For each line of the listing below that contains the string "ObjectType", copy the line.

→ **PROVIDED ENTRIES**:
——————
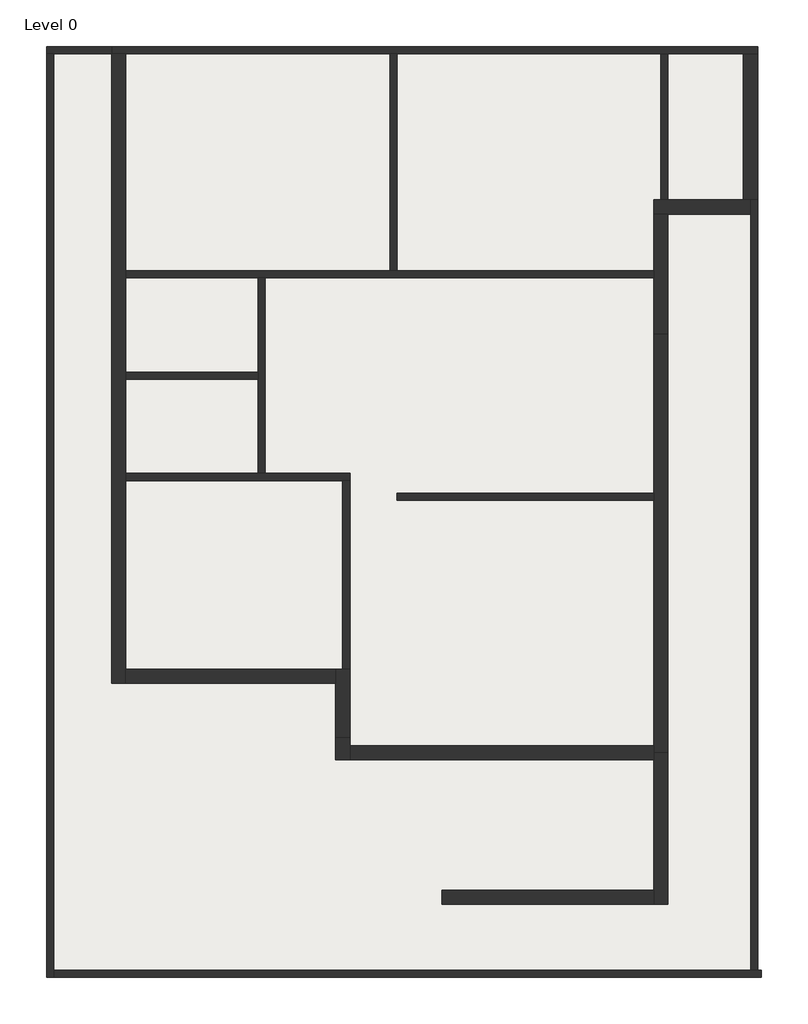
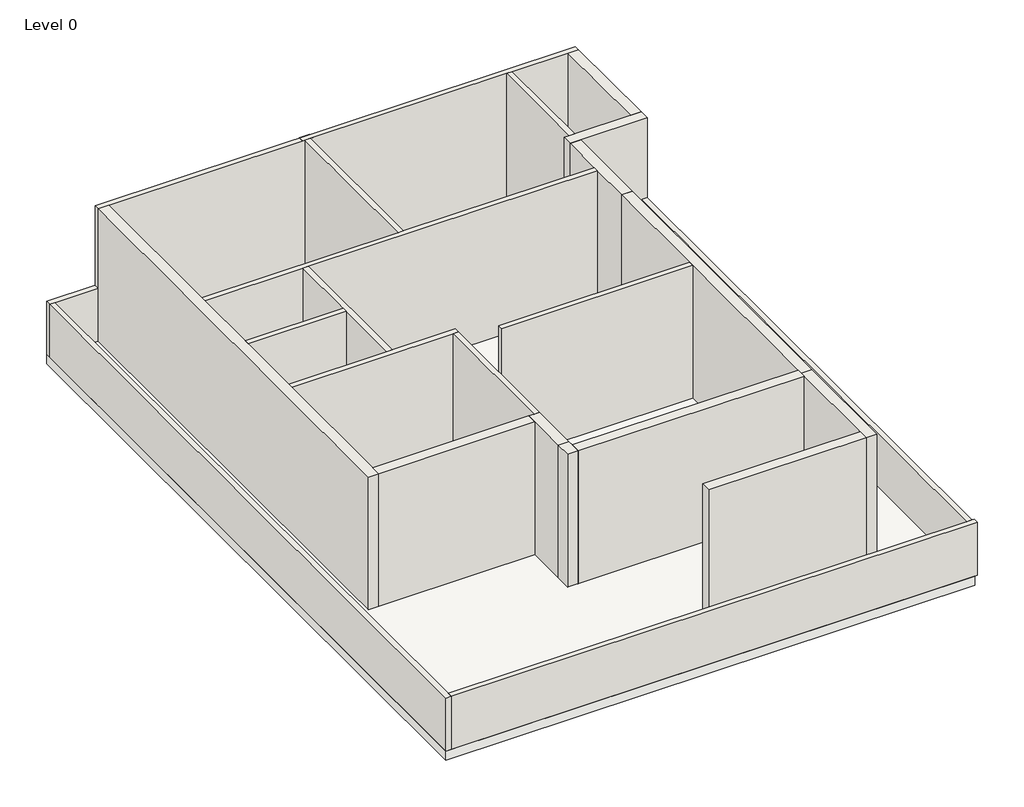
# One storey: 25 walls, 1 slab.
"""IFC4 building model written with IfcOpenShell, lengths in millimetres."""

from ifc_helpers import new_model, si_unit, frame, origin, origin_with_axes, place, context, project, spatial, polyline, outline, extrude, faceted_brep, element, save

model = new_model("IFC4")

# Units and contexts
model_context = context("Model", 3, world=origin())
ifc_project = project(units=[si_unit("LENGTHUNIT", "METRE", prefix="MILLI")], contexts=[model_context])

# Site, building, storey
site = spatial("IfcSite", under=ifc_project)
building = spatial("IfcBuilding", under=site)
storey = spatial("IfcBuildingStorey", under=building, Name="Level 0", Elevation=0.0)

# Slab
placement = place(None, origin())
element("IfcSlab", 1, at=placement, inside=storey, context=model_context, shape_type="SweptSolid", body=[
    extrude(outline(polyline([(5920.3326329, 7268.7468257), (5920.3326329, -7768.0531743), (-5573.1673671, -7768.0531743), (-5573.1673671, 7268.7468257), (5920.3326329, 7268.7468257)])), frame((0.0, 0.0, -211.0), z_axis=(0.0, 0.0, 1.0), x_axis=(1.0, 0.0, 0.0)), (0.0, 0.0, 1.0), 211.0),
])

# Walls
element("IfcWall", 2, ObjectType="INNER WALL-4.5\"", at=placement, inside=storey, context=model_context, shape_type="Brep", body=[
    faceted_brep([(-5573.1673671, 7154.4468257, 0.0), (-5458.8673671, 7154.4468257, 0.0), (-4519.0673671, 7154.4468257, 0.0), (-4519.0673671, 7154.4468257, 1219.2), (-5458.8673671, 7154.4468257, 1219.2), (-5573.1673671, 7154.4468257, 1219.2), (-5573.1673671, 7268.7468257, 0.0), (-5573.1673671, 7268.7468257, 1219.2), (-4519.0673671, 7268.7468257, 1219.2), (-4519.0673671, 7268.7468257, 0.0)], [[[0, 1, 2, 3, 4, 5]], [[6, 7, 8, 9]], [[2, 1, 0, 6, 9]], [[3, 2, 9, 8]], [[5, 4, 3, 8, 7]], [[0, 5, 7, 6]]]),
])
element("IfcWall", 3, ObjectType="INNER WALL-4.5\"", at=placement, inside=storey, context=model_context, shape_type="Brep", body=[
    faceted_brep([(-5573.1673671, 7154.4468257, 0.0), (-5573.1673671, -7768.0531743, 0.0), (-5573.1673671, -7768.0531743, 1219.2), (-5573.1673671, 7154.4468257, 1219.2), (-5458.8673671, 7154.4468257, 0.0), (-5458.8673671, 7154.4468257, 1219.2), (-5458.8673671, -7653.7531743, 1219.2), (-5458.8673671, -7768.0531743, 1219.2), (-5458.8673671, -7768.0531743, 0.0), (-5458.8673671, -7653.7531743, 0.0)], [[[0, 1, 2, 3]], [[4, 5, 6, 7, 8, 9]], [[1, 0, 4, 9, 8]], [[3, 2, 7, 6, 5]], [[0, 3, 5, 4]], [[2, 1, 8, 7]]]),
])
element("IfcWall", 4, ObjectType="INNER WALL-4.5\"", at=placement, inside=storey, context=model_context, shape_type="Brep", body=[
    faceted_brep([(5977.4826329, -7653.7531743, 0.0), (5920.3326329, -7653.7531743, 0.0), (5806.0326329, -7653.7531743, 0.0), (-5458.8673671, -7653.7531743, 0.0), (-5458.8673671, -7653.7531743, 1219.2), (5806.0326329, -7653.7531743, 1219.2), (5920.3326329, -7653.7531743, 1219.2), (5977.4826329, -7653.7531743, 1219.2), (5977.4826329, -7768.0531743, 0.0), (5977.4826329, -7768.0531743, 1219.2), (-5458.8673671, -7768.0531743, 1219.2), (-5458.8673671, -7768.0531743, 0.0)], [[[0, 1, 2, 3, 4, 5, 6, 7]], [[8, 9, 10, 11]], [[3, 2, 1, 0, 8, 11]], [[7, 6, 5, 4, 10, 9]], [[0, 7, 9, 8]], [[4, 3, 11, 10]]]),
])
element("IfcWall", 5, ObjectType="INNER WALL-4.5\"", at=placement, inside=storey, context=model_context, shape_type="Brep", body=[
    faceted_brep([(5806.0326329, 4792.2468257, 0.0), (5806.0326329, 4563.6468257, 0.0), (5806.0326329, -7653.7531743, 0.0), (5806.0326329, -7653.7531743, 1219.2), (5806.0326329, 4563.6468257, 1219.2), (5806.0326329, 4792.2468257, 1219.2), (5920.3326329, 4792.2468257, 0.0), (5920.3326329, 4792.2468257, 1219.2), (5920.3326329, 4563.6468257, 1219.2), (5920.3326329, -7653.7531743, 1219.2), (5920.3326329, -7653.7531743, 0.0)], [[[0, 1, 2, 3, 4, 5]], [[6, 7, 8, 9, 10]], [[2, 1, 0, 6, 10]], [[5, 4, 3, 9, 8, 7]], [[3, 2, 10, 9]], [[0, 5, 7, 6]]]),
])
element("IfcWall", 6, ObjectType="INNER WALL-4.5\"", at=placement, inside=storey, context=model_context, shape_type="Brep", body=[
    faceted_brep([(-4519.0673671, 7154.4468257, 0.0), (-4290.4673671, 7154.4468257, 0.0), (-23.2673671, 7154.4468257, 0.0), (91.0326329, 7154.4468257, 0.0), (4358.2326329, 7154.4468257, 0.0), (4472.5326329, 7154.4468257, 0.0), (5691.7326329, 7154.4468257, 0.0), (5920.3326329, 7154.4468257, 0.0), (5920.3326329, 7154.4468257, 3048.0), (5691.7326329, 7154.4468257, 3048.0), (4472.5326329, 7154.4468257, 3048.0), (4358.2326329, 7154.4468257, 3048.0), (91.0326329, 7154.4468257, 3048.0), (-23.2673671, 7154.4468257, 3048.0), (-4290.4673671, 7154.4468257, 3048.0), (-4519.0673671, 7154.4468257, 3048.0), (-4519.0673671, 7154.4468257, 1219.2), (-4519.0673671, 7268.7468257, 0.0), (-4519.0673671, 7268.7468257, 1219.2), (-4519.0673671, 7268.7468257, 3048.0), (5920.3326329, 7268.7468257, 3048.0), (5920.3326329, 7268.7468257, 0.0)], [[[0, 1, 2, 3, 4, 5, 6, 7, 8, 9, 10, 11, 12, 13, 14, 15, 16]], [[17, 18, 19, 20, 21]], [[7, 6, 5, 4, 3, 2, 1, 0, 17, 21]], [[15, 14, 13, 12, 11, 10, 9, 8, 20, 19]], [[0, 16, 15, 19, 18, 17]], [[8, 7, 21, 20]]]),
])
element("IfcWall", 7, ObjectType="INNER WALL-4.5\"", at=placement, inside=storey, context=model_context, shape_type="Brep", body=[
    faceted_brep([(148.1826329, 7268.7468257, 0.0), (-80.4173671, 7268.7468257, 0.0), (-80.4173671, 7268.7468257, 3048.0), (148.1826329, 7268.7468257, 3048.0), (148.1826329, 7154.4468257, 0.0), (148.1826329, 7154.4468257, 3048.0), (91.0326329, 7154.4468257, 3048.0), (-23.2673671, 7154.4468257, 3048.0), (-80.4173671, 7154.4468257, 3048.0), (-80.4173671, 7154.4468257, 0.0), (-23.2673671, 7154.4468257, 0.0), (91.0326329, 7154.4468257, 0.0)], [[[0, 1, 2, 3]], [[4, 5, 6, 7, 8, 9, 10, 11]], [[1, 0, 4, 11, 10, 9]], [[2, 1, 9, 8]], [[3, 2, 8, 7, 6, 5]], [[0, 3, 5, 4]]]),
])
element("IfcWall", 8, ObjectType="INNER WALL-4.5\"", at=placement, inside=storey, context=model_context, shape_type="SweptSolid", body=[
    extrude(outline(polyline([(-23.2673671, 3649.2468257), (-23.2673671, 7154.4468257), (91.0326329, 7154.4468257), (91.0326329, 3649.2468257), (-23.2673671, 3649.2468257)])), origin_with_axes(), (0.0, 0.0, 1.0), 3048.0),
])
element("IfcWall", 9, ObjectType="INNER WALL-4.5\"", at=placement, inside=storey, context=model_context, shape_type="Brep", body=[
    faceted_brep([(-4290.4673671, 3534.9468257, 0.0), (-2156.8673671, 3534.9468257, 0.0), (-2042.5673671, 3534.9468257, 0.0), (4243.9326329, 3534.9468257, 0.0), (4243.9326329, 3534.9468257, 3048.0), (-2042.5673671, 3534.9468257, 3048.0), (-2156.8673671, 3534.9468257, 3048.0), (-4290.4673671, 3534.9468257, 3048.0), (-4290.4673671, 3649.2468257, 0.0), (-4290.4673671, 3649.2468257, 3048.0), (-23.2673671, 3649.2468257, 3048.0), (91.0326329, 3649.2468257, 3048.0), (4243.9326329, 3649.2468257, 3048.0), (4243.9326329, 3649.2468257, 0.0), (91.0326329, 3649.2468257, 0.0), (-23.2673671, 3649.2468257, 0.0)], [[[0, 1, 2, 3, 4, 5, 6, 7]], [[8, 9, 10, 11, 12, 13, 14, 15]], [[3, 2, 1, 0, 8, 15, 14, 13]], [[7, 6, 5, 4, 12, 11, 10, 9]], [[0, 7, 9, 8]], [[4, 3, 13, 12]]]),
——————
→ **TASK OUTPUT**:
element("IfcWall", 2, ObjectType="INNER WALL-4.5\"", at=placement, inside=storey, context=model_context, shape_type="Brep", body=[
element("IfcWall", 3, ObjectType="INNER WALL-4.5\"", at=placement, inside=storey, context=model_context, shape_type="Brep", body=[
element("IfcWall", 4, ObjectType="INNER WALL-4.5\"", at=placement, inside=storey, context=model_context, shape_type="Brep", body=[
element("IfcWall", 5, ObjectType="INNER WALL-4.5\"", at=placement, inside=storey, context=model_context, shape_type="Brep", body=[
element("IfcWall", 6, ObjectType="INNER WALL-4.5\"", at=placement, inside=storey, context=model_context, shape_type="Brep", body=[
element("IfcWall", 7, ObjectType="INNER WALL-4.5\"", at=placement, inside=storey, context=model_context, shape_type="Brep", body=[
element("IfcWall", 8, ObjectType="INNER WALL-4.5\"", at=placement, inside=storey, context=model_context, shape_type="SweptSolid", body=[
element("IfcWall", 9, ObjectType="INNER WALL-4.5\"", at=placement, inside=storey, context=model_context, shape_type="Brep", body=[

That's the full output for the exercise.